[Opening Available data section]

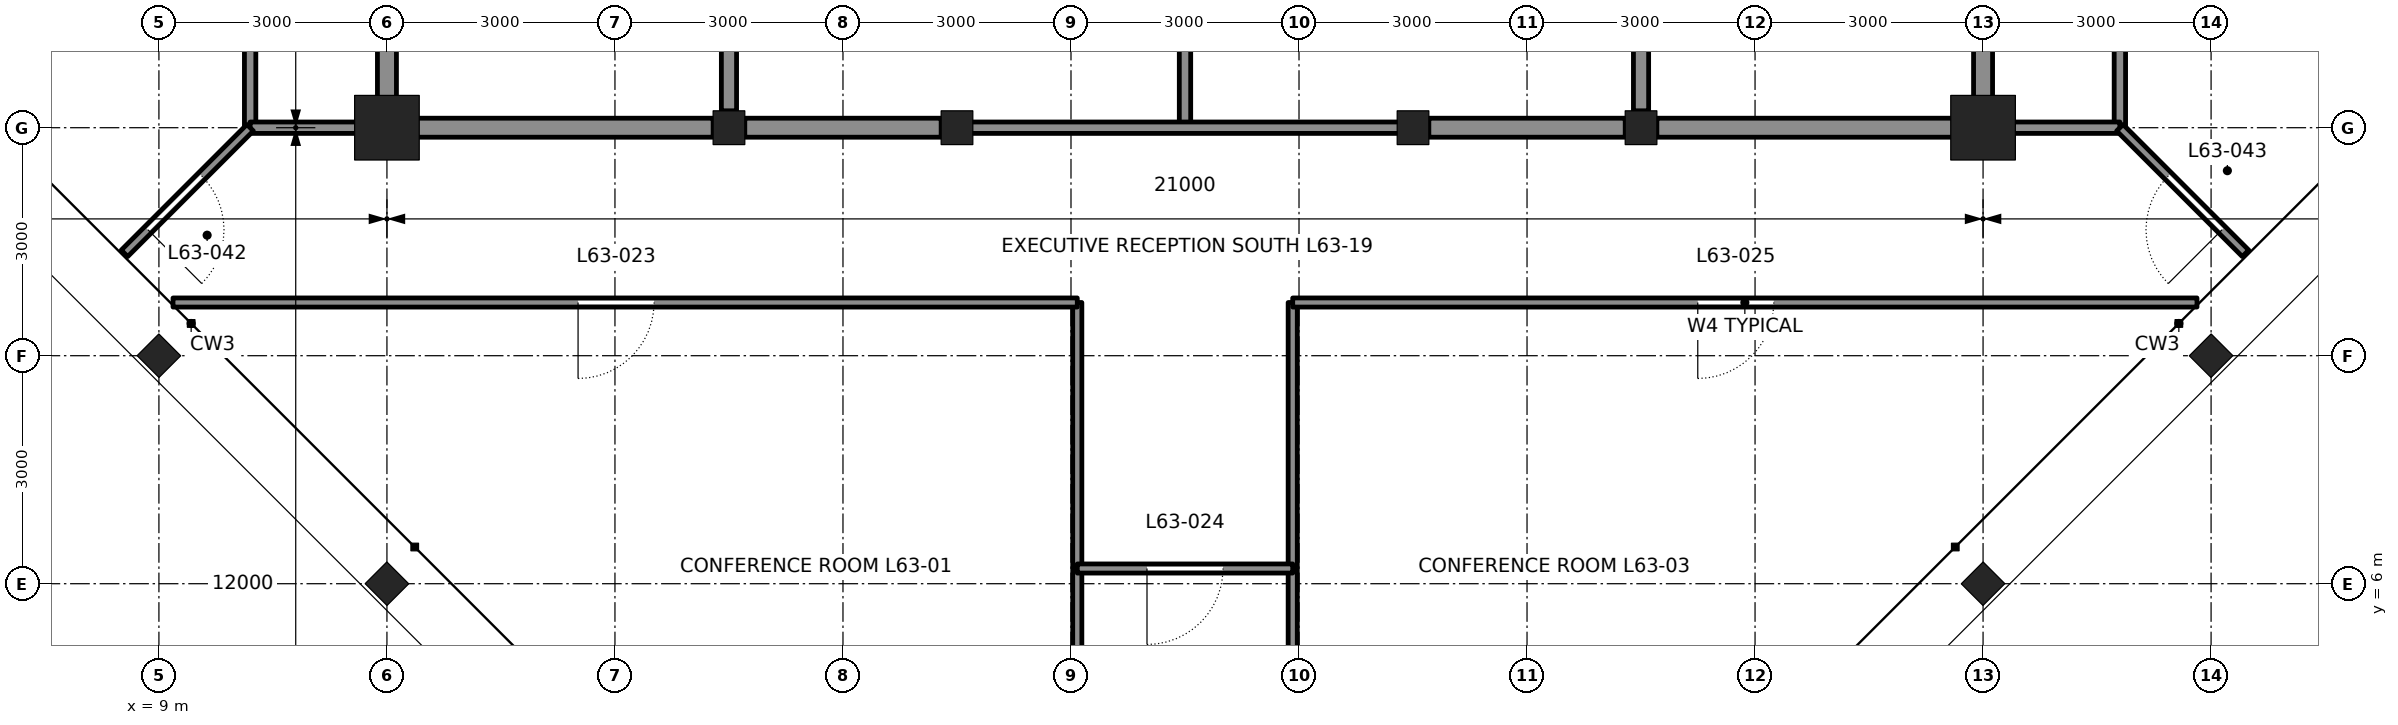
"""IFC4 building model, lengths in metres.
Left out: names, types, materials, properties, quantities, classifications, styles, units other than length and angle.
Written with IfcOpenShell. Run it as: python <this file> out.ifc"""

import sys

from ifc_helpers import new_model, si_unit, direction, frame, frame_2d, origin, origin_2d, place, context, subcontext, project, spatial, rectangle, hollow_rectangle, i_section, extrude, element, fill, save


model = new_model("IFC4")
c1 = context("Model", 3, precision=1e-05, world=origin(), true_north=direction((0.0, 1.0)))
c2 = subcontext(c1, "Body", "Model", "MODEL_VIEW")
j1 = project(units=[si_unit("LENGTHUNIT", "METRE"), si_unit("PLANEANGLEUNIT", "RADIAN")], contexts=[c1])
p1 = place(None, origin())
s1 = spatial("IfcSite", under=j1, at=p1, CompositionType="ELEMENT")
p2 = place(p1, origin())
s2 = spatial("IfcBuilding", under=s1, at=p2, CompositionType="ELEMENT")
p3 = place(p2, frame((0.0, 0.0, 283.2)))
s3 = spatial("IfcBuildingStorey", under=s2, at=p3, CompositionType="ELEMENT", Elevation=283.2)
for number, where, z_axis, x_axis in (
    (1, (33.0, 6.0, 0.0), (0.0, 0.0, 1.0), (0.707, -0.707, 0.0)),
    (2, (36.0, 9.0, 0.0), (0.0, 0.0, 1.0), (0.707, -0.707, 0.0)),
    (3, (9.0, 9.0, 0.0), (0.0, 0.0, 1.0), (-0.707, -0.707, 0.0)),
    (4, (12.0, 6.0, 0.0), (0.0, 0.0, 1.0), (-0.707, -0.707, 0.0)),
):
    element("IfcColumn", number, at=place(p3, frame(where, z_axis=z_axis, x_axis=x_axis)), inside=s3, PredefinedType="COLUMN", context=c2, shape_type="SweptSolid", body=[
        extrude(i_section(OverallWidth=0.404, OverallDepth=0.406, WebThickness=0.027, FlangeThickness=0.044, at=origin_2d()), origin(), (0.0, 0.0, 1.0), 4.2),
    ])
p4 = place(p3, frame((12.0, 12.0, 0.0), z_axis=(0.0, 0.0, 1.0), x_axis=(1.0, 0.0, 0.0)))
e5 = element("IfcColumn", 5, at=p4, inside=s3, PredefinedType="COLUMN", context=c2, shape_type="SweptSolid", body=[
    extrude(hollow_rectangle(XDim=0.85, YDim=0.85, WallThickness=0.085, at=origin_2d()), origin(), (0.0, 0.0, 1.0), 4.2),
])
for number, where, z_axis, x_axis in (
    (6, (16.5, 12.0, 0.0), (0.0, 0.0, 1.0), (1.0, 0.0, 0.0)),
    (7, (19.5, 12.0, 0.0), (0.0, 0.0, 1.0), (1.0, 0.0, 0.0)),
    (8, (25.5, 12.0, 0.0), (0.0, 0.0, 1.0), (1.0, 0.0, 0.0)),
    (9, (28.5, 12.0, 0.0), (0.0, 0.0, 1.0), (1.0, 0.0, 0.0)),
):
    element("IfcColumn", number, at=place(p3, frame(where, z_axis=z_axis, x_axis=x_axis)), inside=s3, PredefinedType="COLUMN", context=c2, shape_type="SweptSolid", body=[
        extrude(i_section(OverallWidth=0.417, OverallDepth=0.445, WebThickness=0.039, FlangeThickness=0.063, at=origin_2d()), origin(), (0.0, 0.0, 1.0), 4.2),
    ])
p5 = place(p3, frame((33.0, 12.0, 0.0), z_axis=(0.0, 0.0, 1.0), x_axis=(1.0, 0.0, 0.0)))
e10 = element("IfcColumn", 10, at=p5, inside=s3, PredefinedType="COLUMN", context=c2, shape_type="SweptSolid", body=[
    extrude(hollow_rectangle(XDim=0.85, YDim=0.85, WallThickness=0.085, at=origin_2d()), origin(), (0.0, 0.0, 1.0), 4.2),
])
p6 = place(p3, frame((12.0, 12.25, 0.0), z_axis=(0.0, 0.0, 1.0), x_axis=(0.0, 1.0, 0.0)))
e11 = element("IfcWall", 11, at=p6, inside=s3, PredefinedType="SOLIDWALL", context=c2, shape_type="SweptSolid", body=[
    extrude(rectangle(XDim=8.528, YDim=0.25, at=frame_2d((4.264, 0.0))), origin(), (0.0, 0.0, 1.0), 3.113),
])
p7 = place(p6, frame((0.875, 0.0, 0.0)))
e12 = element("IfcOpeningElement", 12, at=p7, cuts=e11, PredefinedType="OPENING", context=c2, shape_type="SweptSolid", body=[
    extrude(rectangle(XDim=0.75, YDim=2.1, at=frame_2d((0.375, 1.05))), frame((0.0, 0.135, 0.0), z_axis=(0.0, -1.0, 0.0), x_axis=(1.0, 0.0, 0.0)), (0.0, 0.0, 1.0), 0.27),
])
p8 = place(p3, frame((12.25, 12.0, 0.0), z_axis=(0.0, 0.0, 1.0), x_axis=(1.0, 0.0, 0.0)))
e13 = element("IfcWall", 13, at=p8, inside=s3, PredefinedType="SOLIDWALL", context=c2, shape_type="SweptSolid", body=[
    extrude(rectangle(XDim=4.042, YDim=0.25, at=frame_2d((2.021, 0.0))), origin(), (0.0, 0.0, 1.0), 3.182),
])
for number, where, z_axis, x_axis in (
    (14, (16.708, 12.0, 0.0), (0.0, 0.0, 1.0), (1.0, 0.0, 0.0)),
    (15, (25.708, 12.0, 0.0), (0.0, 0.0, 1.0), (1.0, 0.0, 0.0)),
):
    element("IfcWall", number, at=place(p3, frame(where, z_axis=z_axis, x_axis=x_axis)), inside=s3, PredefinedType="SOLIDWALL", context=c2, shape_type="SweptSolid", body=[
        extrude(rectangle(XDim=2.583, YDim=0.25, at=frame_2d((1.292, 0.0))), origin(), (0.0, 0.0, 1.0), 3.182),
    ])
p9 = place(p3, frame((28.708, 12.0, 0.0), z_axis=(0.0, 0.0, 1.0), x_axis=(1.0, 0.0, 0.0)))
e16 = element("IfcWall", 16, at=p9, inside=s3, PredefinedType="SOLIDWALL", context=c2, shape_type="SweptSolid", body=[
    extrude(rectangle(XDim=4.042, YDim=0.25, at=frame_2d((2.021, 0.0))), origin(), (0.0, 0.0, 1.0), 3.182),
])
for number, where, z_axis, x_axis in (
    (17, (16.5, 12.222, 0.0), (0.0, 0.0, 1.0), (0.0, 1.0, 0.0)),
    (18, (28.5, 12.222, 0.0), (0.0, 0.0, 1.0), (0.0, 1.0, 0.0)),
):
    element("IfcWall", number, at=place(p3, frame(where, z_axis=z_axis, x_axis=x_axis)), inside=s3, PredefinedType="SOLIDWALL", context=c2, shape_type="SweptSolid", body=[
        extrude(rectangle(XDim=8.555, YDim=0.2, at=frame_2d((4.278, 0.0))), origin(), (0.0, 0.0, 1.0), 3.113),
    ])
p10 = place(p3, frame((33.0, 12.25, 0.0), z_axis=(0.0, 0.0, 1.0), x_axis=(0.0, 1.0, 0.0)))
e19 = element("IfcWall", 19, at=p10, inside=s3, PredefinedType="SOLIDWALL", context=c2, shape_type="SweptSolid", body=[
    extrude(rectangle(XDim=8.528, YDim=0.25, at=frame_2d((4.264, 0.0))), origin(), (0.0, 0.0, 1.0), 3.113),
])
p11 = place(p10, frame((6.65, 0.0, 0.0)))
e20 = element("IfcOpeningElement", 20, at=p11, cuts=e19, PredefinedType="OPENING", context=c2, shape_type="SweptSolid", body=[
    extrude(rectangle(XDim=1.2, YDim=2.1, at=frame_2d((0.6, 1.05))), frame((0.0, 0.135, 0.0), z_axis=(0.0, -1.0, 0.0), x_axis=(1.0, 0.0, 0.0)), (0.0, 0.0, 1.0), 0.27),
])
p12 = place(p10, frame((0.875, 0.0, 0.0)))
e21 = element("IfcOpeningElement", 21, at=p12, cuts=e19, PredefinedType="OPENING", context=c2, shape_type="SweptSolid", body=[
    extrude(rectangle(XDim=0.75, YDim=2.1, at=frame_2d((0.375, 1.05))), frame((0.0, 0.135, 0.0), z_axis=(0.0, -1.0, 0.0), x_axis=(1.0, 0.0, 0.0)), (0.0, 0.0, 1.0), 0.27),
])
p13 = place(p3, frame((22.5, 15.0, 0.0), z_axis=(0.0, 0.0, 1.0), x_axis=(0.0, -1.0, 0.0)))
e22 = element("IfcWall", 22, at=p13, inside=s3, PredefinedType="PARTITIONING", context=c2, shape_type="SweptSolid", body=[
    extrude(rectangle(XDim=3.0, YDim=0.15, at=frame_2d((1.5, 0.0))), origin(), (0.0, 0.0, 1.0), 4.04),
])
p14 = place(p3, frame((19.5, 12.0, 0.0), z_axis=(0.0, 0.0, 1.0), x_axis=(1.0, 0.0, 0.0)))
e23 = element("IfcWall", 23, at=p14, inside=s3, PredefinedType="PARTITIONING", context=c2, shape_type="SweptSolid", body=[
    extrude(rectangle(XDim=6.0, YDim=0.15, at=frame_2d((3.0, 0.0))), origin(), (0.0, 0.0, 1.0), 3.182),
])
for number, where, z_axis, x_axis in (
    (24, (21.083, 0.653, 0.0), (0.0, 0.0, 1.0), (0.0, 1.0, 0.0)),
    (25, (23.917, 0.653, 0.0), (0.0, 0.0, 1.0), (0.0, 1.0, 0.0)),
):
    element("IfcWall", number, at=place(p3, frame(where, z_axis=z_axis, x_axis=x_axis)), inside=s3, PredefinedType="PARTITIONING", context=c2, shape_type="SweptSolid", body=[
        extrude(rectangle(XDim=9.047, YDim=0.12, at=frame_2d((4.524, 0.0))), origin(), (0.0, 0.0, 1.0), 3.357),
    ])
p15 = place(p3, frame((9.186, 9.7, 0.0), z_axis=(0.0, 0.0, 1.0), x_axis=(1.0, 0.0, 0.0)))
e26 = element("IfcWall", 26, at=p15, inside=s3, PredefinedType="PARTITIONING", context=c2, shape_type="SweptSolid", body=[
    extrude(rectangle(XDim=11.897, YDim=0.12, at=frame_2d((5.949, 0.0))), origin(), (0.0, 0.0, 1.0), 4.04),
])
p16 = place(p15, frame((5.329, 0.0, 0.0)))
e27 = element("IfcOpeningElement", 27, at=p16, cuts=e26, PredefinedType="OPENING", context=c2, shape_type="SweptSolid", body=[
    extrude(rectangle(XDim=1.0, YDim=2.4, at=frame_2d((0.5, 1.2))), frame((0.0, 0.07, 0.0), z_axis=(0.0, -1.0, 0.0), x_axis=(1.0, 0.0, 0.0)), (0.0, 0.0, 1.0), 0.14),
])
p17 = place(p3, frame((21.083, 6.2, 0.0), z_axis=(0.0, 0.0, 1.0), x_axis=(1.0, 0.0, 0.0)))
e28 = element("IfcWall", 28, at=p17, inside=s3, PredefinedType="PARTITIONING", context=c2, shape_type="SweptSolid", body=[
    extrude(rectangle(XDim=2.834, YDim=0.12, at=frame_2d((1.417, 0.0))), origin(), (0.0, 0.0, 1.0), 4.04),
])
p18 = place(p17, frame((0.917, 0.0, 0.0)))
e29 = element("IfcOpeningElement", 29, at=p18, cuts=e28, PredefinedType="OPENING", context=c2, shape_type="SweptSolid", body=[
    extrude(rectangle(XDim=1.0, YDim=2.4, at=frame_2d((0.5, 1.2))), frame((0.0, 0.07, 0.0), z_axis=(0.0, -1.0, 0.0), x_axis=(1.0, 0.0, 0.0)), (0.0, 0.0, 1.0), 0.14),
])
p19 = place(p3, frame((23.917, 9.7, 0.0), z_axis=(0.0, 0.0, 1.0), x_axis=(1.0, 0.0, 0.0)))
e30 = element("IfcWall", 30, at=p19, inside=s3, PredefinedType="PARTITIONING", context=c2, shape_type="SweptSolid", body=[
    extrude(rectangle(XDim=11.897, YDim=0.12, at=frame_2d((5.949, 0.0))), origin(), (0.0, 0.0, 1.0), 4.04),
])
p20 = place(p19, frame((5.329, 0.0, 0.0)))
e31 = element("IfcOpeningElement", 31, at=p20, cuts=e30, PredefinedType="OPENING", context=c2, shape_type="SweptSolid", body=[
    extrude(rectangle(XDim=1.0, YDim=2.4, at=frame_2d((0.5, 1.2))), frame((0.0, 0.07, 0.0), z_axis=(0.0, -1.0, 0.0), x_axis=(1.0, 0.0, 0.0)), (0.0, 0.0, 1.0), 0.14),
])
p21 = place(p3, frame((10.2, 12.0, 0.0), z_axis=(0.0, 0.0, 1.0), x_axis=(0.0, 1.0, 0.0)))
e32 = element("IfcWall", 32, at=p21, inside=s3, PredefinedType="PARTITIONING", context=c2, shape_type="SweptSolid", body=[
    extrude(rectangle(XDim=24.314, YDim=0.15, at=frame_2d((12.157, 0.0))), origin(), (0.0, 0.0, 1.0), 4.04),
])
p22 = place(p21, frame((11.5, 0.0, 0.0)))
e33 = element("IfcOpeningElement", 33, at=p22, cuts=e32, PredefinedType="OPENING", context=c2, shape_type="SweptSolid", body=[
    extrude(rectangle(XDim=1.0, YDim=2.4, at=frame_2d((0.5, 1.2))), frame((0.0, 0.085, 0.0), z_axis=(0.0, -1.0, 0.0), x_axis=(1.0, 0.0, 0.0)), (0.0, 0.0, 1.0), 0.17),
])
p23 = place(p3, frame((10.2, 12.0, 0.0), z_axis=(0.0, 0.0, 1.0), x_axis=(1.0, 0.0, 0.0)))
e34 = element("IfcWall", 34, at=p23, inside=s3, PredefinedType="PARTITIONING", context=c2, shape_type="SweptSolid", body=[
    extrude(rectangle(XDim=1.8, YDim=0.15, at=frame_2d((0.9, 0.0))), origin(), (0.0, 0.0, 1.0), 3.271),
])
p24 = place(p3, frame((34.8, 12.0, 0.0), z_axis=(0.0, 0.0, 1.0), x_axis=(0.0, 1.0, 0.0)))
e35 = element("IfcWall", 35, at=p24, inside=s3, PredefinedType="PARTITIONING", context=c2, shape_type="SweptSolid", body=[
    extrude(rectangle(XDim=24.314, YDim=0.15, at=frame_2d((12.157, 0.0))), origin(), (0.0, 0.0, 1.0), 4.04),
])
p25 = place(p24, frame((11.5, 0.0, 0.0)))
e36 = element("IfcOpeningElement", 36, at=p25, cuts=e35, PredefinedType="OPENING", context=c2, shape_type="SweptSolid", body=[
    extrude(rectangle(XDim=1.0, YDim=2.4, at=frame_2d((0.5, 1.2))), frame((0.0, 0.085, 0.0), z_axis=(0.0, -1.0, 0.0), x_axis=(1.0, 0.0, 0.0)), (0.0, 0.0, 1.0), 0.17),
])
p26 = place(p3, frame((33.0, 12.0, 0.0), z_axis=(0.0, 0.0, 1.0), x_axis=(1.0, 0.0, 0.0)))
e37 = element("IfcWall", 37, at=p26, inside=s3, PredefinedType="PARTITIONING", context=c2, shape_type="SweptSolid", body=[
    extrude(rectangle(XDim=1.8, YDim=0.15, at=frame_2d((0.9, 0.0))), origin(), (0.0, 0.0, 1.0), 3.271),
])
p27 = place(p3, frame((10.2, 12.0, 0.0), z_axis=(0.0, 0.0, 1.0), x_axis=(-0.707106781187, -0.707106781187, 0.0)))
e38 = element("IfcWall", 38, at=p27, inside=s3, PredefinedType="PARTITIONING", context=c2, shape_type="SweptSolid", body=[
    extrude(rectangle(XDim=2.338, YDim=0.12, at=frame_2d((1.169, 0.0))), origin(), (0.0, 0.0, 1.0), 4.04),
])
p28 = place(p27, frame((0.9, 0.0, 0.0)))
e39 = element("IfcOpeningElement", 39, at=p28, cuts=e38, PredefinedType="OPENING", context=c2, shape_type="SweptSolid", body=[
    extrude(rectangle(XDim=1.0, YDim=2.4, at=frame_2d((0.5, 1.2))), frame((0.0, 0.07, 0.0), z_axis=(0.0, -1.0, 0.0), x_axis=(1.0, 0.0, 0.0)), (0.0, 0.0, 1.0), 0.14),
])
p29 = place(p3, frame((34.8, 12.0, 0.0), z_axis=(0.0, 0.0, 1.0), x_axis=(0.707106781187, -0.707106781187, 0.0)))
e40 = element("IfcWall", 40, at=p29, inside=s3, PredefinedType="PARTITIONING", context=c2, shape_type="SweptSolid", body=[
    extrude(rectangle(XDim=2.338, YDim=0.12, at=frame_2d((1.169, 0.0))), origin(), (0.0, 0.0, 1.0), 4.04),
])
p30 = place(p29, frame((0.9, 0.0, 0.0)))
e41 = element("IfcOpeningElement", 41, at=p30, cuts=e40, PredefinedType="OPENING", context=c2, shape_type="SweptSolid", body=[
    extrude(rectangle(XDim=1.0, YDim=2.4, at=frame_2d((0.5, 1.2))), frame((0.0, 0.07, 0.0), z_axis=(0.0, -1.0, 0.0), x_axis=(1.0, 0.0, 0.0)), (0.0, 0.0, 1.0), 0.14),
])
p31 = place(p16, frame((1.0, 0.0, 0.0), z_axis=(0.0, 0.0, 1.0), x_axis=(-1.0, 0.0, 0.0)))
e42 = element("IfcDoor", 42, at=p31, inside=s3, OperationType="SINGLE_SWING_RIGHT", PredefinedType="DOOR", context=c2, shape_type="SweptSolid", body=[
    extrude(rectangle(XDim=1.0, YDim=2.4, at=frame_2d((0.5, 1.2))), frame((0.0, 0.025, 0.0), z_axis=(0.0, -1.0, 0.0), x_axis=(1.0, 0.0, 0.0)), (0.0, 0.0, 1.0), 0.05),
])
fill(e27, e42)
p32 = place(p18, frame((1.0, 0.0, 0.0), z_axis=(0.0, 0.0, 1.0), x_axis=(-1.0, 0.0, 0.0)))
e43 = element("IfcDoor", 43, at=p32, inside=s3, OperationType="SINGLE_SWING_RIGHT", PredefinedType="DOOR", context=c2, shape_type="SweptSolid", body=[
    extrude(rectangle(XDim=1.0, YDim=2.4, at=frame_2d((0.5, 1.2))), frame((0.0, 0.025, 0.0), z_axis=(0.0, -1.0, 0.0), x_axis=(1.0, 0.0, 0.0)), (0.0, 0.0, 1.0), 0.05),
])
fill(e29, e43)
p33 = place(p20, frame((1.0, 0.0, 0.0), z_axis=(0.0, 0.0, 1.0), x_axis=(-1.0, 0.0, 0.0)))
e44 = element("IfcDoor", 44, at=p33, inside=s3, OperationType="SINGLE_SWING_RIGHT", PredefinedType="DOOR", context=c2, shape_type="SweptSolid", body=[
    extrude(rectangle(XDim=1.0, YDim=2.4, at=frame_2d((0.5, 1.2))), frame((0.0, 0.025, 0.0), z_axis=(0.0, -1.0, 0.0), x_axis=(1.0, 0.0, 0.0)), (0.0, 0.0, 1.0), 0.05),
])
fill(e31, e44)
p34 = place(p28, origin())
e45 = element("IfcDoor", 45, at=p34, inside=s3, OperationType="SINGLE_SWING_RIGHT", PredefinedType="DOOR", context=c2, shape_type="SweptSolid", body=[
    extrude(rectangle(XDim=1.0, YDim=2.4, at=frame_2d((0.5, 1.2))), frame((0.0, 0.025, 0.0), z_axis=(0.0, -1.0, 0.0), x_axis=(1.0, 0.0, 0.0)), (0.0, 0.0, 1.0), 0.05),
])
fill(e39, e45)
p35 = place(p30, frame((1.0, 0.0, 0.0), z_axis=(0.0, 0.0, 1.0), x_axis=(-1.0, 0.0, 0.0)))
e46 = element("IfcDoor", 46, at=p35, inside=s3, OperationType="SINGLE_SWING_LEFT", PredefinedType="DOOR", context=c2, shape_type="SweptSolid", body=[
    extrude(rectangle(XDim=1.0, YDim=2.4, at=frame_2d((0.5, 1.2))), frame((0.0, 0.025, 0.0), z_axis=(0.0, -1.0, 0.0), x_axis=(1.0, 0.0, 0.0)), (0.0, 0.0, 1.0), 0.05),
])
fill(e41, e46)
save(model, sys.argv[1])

[Closing Available data section]

For each line of the entries that includes "save", show that line.

## Written solution
from ifc_helpers import new_model, si_unit, direction, frame, frame_2d, origin, origin_2d, place, context, subcontext, project, spatial, rectangle, hollow_rectangle, i_section, extrude, element, fill, save
save(model, sys.argv[1])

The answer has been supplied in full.